* _The problem_:
Every line of the entries below that carries the string "placement" should be copied.

* _Given information_:
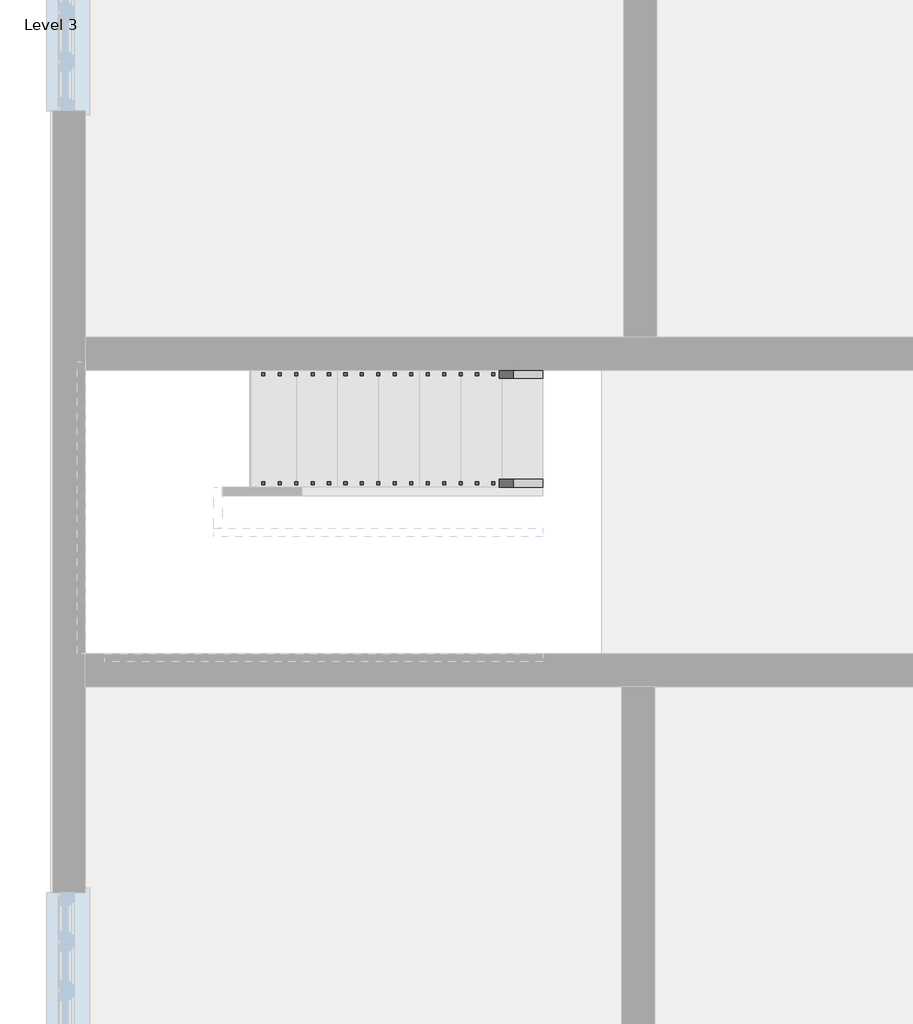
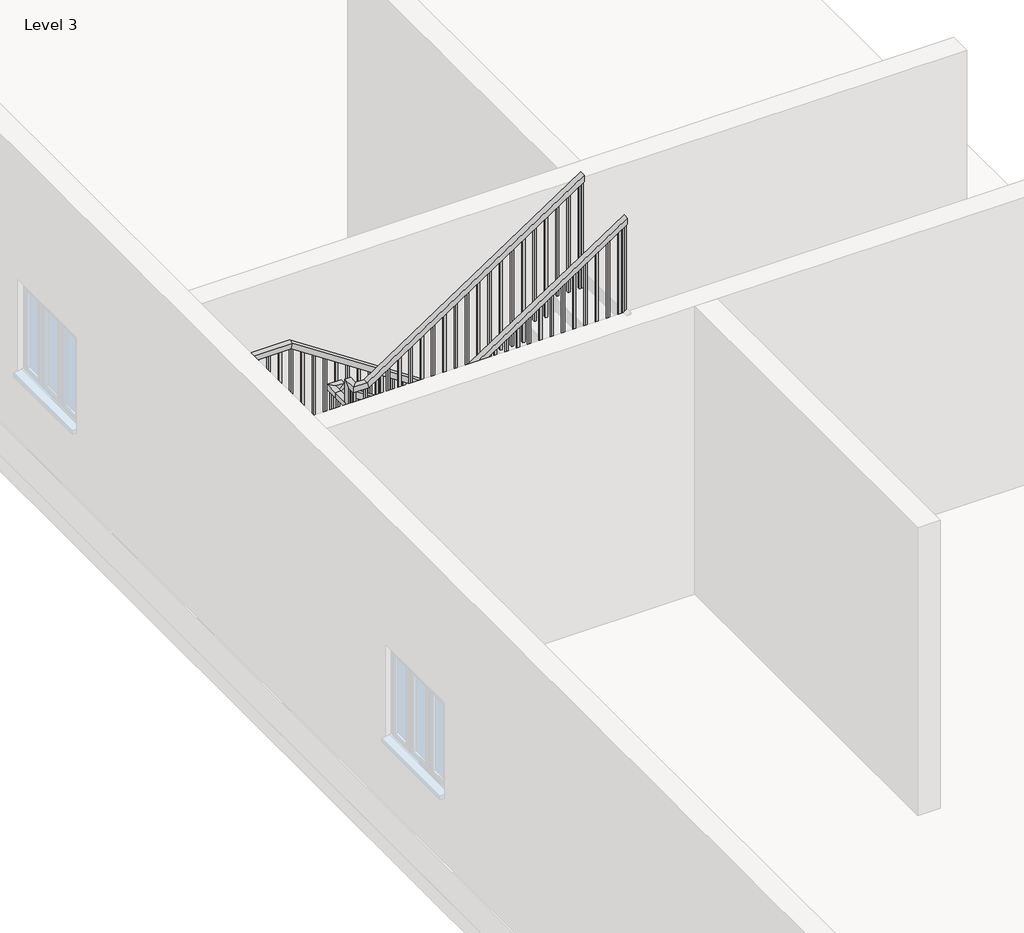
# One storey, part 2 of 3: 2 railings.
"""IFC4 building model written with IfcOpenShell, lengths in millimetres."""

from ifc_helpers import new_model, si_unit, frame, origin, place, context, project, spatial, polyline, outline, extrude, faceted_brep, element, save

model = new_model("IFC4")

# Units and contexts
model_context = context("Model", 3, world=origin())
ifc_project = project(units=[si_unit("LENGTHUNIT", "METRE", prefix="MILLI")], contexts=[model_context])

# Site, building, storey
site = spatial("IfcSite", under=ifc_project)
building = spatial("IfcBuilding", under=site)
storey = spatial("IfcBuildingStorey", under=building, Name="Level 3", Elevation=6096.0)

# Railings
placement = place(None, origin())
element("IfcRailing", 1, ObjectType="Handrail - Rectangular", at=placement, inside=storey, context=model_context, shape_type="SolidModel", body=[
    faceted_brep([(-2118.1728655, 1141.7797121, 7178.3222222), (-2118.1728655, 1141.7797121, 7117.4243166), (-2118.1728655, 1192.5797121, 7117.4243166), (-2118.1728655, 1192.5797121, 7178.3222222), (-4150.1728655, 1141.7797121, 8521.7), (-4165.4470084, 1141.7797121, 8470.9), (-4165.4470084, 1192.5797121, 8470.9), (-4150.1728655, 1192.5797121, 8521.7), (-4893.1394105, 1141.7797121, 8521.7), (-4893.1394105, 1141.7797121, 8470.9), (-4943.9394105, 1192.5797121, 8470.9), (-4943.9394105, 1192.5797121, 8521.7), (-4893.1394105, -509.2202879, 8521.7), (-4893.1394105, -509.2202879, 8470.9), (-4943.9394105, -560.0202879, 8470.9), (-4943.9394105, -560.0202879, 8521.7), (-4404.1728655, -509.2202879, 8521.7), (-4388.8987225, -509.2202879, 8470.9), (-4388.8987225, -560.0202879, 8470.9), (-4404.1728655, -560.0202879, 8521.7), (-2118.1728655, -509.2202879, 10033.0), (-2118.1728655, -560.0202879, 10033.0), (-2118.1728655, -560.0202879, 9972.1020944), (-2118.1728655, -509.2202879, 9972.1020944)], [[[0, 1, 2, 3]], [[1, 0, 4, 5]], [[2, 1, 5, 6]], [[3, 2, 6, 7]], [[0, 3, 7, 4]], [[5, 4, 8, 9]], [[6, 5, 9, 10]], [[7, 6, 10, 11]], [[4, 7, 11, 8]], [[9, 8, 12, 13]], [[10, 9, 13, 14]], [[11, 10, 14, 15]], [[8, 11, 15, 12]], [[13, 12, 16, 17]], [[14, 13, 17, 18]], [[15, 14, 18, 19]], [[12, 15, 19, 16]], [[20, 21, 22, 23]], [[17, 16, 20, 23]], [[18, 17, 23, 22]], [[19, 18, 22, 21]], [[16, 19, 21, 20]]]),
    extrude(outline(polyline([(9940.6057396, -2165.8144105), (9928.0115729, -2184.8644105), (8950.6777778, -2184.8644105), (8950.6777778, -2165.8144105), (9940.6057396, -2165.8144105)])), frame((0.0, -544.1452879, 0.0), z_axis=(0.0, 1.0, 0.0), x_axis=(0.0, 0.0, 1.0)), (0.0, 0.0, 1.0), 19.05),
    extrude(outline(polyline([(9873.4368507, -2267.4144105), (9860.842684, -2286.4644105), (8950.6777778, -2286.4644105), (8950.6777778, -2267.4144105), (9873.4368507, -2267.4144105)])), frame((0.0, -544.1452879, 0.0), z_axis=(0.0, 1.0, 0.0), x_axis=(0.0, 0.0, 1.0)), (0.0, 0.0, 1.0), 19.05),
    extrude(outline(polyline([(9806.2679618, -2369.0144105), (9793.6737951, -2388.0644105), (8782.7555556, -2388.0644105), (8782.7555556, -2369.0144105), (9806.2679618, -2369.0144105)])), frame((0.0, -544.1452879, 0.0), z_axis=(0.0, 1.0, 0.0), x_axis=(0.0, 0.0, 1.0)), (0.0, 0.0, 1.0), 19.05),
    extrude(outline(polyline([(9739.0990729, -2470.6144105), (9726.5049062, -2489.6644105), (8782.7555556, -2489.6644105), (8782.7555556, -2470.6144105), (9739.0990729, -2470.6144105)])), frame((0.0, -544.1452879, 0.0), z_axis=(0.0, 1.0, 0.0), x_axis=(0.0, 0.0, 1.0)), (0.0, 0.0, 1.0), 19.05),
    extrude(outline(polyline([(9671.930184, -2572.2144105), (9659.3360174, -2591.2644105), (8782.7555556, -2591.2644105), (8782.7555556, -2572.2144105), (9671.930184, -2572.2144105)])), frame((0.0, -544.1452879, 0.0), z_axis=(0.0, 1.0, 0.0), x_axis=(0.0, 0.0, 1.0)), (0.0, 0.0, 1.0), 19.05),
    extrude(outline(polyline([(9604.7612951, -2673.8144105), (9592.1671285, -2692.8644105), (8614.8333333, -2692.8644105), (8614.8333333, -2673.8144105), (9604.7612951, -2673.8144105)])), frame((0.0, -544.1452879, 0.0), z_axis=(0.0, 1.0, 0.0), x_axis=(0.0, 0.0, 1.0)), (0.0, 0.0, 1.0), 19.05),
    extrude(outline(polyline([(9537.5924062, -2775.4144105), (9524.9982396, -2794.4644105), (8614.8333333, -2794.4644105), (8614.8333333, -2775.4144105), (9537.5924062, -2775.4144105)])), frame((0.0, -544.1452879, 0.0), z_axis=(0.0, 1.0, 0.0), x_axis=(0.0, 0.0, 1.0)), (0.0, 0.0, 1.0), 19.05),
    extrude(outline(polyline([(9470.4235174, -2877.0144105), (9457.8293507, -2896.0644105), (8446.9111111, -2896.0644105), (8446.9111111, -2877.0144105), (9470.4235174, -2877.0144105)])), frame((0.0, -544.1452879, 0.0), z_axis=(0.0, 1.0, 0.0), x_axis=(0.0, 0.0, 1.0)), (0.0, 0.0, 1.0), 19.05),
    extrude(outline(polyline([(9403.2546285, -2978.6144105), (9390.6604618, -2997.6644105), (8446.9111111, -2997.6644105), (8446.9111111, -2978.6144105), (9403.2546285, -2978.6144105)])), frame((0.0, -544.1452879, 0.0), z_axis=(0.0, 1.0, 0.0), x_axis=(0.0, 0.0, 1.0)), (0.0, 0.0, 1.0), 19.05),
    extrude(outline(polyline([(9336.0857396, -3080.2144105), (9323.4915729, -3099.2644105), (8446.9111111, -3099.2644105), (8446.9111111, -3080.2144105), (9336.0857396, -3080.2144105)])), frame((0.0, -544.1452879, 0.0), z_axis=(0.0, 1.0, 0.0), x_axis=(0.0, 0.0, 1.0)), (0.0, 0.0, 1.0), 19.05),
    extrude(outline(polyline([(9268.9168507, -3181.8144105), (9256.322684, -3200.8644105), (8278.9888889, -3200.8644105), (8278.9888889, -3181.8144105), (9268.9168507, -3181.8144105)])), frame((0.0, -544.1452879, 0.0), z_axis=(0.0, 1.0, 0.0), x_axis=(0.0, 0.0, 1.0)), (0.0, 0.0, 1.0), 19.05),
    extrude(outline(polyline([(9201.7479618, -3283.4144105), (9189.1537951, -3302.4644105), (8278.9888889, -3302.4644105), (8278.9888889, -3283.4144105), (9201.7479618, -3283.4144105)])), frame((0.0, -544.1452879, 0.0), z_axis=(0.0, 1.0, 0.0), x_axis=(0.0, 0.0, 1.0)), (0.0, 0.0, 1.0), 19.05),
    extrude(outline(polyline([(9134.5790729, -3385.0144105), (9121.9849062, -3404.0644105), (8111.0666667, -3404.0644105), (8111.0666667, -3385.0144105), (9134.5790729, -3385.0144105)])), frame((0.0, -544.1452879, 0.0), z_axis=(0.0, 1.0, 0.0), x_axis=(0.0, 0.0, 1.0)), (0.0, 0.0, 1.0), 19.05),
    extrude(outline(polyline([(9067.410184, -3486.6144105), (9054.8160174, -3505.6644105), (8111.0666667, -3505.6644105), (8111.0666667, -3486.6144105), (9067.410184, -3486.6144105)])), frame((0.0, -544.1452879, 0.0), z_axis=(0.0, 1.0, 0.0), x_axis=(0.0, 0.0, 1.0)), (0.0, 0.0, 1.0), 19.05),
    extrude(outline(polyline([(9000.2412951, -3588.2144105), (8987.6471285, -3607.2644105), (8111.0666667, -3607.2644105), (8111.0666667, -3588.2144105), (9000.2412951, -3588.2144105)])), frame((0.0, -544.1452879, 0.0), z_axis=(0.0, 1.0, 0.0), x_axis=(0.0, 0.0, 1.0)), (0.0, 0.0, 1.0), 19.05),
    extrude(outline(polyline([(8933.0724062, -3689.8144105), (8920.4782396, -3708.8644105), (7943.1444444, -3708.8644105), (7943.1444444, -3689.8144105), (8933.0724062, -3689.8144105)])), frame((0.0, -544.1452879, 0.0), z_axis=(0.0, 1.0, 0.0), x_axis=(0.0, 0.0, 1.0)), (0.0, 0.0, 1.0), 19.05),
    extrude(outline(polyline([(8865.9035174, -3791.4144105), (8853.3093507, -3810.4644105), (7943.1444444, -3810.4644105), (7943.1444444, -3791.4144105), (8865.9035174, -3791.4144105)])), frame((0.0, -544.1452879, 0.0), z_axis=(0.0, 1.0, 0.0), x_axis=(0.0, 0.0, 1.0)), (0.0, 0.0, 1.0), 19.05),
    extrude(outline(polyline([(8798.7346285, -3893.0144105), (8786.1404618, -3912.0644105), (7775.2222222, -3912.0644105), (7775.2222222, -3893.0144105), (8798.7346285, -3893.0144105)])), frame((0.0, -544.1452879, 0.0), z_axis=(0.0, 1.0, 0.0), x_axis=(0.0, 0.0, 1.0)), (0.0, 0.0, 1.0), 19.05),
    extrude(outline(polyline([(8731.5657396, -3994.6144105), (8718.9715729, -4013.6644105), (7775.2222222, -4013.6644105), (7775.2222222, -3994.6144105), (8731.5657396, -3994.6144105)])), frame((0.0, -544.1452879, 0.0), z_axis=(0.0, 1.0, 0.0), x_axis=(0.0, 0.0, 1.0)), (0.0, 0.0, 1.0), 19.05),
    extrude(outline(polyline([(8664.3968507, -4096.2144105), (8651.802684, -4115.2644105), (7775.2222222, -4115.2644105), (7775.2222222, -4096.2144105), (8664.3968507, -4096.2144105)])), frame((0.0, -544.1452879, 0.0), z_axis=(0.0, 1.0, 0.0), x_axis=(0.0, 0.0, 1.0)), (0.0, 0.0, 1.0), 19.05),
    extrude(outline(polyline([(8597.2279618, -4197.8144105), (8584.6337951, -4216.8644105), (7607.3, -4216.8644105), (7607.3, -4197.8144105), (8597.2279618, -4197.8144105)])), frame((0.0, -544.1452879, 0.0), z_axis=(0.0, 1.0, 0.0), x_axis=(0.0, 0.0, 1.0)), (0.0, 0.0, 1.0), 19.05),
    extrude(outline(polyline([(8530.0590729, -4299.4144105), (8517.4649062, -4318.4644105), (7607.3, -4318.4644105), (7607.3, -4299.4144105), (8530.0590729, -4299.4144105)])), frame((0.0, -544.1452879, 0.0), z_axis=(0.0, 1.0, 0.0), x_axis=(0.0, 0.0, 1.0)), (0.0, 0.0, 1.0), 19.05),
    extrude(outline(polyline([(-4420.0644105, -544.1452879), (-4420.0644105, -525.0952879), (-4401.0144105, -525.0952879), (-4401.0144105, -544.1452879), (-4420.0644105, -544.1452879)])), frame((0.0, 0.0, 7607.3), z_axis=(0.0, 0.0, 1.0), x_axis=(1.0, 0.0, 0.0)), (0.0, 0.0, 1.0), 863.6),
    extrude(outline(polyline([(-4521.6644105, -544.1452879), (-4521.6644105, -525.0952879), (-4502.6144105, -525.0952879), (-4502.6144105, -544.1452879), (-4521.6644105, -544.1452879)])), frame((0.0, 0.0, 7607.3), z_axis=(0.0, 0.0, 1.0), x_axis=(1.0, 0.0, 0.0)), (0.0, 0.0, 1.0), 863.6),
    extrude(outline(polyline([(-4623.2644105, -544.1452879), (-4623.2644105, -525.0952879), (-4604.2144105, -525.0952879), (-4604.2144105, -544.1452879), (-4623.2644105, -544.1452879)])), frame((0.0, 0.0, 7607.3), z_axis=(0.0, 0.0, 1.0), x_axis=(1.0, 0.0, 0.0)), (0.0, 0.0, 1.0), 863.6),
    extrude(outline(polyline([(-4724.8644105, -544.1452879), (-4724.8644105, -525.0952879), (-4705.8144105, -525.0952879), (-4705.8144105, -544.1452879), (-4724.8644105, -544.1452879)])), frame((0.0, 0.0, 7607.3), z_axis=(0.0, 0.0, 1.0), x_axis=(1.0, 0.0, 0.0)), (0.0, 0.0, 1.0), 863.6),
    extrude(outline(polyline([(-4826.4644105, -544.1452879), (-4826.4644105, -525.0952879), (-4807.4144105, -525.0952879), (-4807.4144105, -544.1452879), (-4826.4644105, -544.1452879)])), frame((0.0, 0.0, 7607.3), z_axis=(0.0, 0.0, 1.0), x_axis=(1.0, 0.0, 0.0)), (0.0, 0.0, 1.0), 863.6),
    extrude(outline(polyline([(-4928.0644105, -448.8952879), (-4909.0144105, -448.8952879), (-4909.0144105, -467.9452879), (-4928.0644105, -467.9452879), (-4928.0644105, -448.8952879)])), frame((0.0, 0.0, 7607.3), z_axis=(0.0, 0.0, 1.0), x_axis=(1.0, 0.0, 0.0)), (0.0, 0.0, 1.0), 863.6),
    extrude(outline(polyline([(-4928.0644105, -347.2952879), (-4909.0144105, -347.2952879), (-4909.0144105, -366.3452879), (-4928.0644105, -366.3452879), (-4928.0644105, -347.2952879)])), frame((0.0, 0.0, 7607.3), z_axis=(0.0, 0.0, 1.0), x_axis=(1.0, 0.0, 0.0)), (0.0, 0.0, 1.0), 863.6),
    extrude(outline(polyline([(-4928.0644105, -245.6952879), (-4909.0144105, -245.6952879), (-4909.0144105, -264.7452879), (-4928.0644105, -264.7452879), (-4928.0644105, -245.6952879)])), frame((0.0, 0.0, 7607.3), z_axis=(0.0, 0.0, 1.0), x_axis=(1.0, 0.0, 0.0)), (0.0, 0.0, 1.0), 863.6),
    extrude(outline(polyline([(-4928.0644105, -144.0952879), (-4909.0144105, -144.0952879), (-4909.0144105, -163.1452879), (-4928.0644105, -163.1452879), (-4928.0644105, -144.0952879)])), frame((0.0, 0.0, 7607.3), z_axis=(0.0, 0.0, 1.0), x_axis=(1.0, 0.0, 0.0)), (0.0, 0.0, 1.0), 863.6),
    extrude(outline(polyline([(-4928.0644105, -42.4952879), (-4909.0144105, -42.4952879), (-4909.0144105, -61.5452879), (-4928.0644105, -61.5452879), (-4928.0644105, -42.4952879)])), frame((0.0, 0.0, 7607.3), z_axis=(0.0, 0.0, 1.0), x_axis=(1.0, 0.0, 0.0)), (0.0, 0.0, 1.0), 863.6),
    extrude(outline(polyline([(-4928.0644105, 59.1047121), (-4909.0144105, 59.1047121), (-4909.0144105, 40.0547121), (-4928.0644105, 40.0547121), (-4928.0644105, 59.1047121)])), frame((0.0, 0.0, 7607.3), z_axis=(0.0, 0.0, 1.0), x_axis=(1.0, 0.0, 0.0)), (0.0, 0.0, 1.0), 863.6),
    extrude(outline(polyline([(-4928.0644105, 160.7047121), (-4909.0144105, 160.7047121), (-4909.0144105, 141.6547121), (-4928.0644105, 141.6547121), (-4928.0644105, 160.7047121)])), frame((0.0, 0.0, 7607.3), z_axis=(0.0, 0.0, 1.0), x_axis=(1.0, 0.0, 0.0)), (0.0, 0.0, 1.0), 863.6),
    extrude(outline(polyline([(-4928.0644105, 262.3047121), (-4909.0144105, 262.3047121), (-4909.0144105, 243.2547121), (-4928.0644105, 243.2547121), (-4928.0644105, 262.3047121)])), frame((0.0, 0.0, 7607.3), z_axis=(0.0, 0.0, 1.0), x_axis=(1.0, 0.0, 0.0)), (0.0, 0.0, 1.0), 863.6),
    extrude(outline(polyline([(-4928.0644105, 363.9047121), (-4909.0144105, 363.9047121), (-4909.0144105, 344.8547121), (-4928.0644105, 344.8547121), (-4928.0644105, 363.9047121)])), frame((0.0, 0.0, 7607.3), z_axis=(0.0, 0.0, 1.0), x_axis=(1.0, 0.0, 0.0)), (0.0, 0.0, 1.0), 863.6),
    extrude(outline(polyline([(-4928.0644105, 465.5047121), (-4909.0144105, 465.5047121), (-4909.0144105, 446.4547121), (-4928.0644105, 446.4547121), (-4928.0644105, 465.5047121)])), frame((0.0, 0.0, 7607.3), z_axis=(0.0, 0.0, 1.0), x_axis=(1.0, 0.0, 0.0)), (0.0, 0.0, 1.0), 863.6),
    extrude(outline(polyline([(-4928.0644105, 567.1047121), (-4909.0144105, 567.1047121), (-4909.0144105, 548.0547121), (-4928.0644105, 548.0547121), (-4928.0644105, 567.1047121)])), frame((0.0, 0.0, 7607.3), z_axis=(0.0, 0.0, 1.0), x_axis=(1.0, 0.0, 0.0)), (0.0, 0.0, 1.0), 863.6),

* _Finished task_:
placement = place(None, origin())
element("IfcRailing", 1, ObjectType="Handrail - Rectangular", at=placement, inside=storey, context=model_context, shape_type="SolidModel", body=[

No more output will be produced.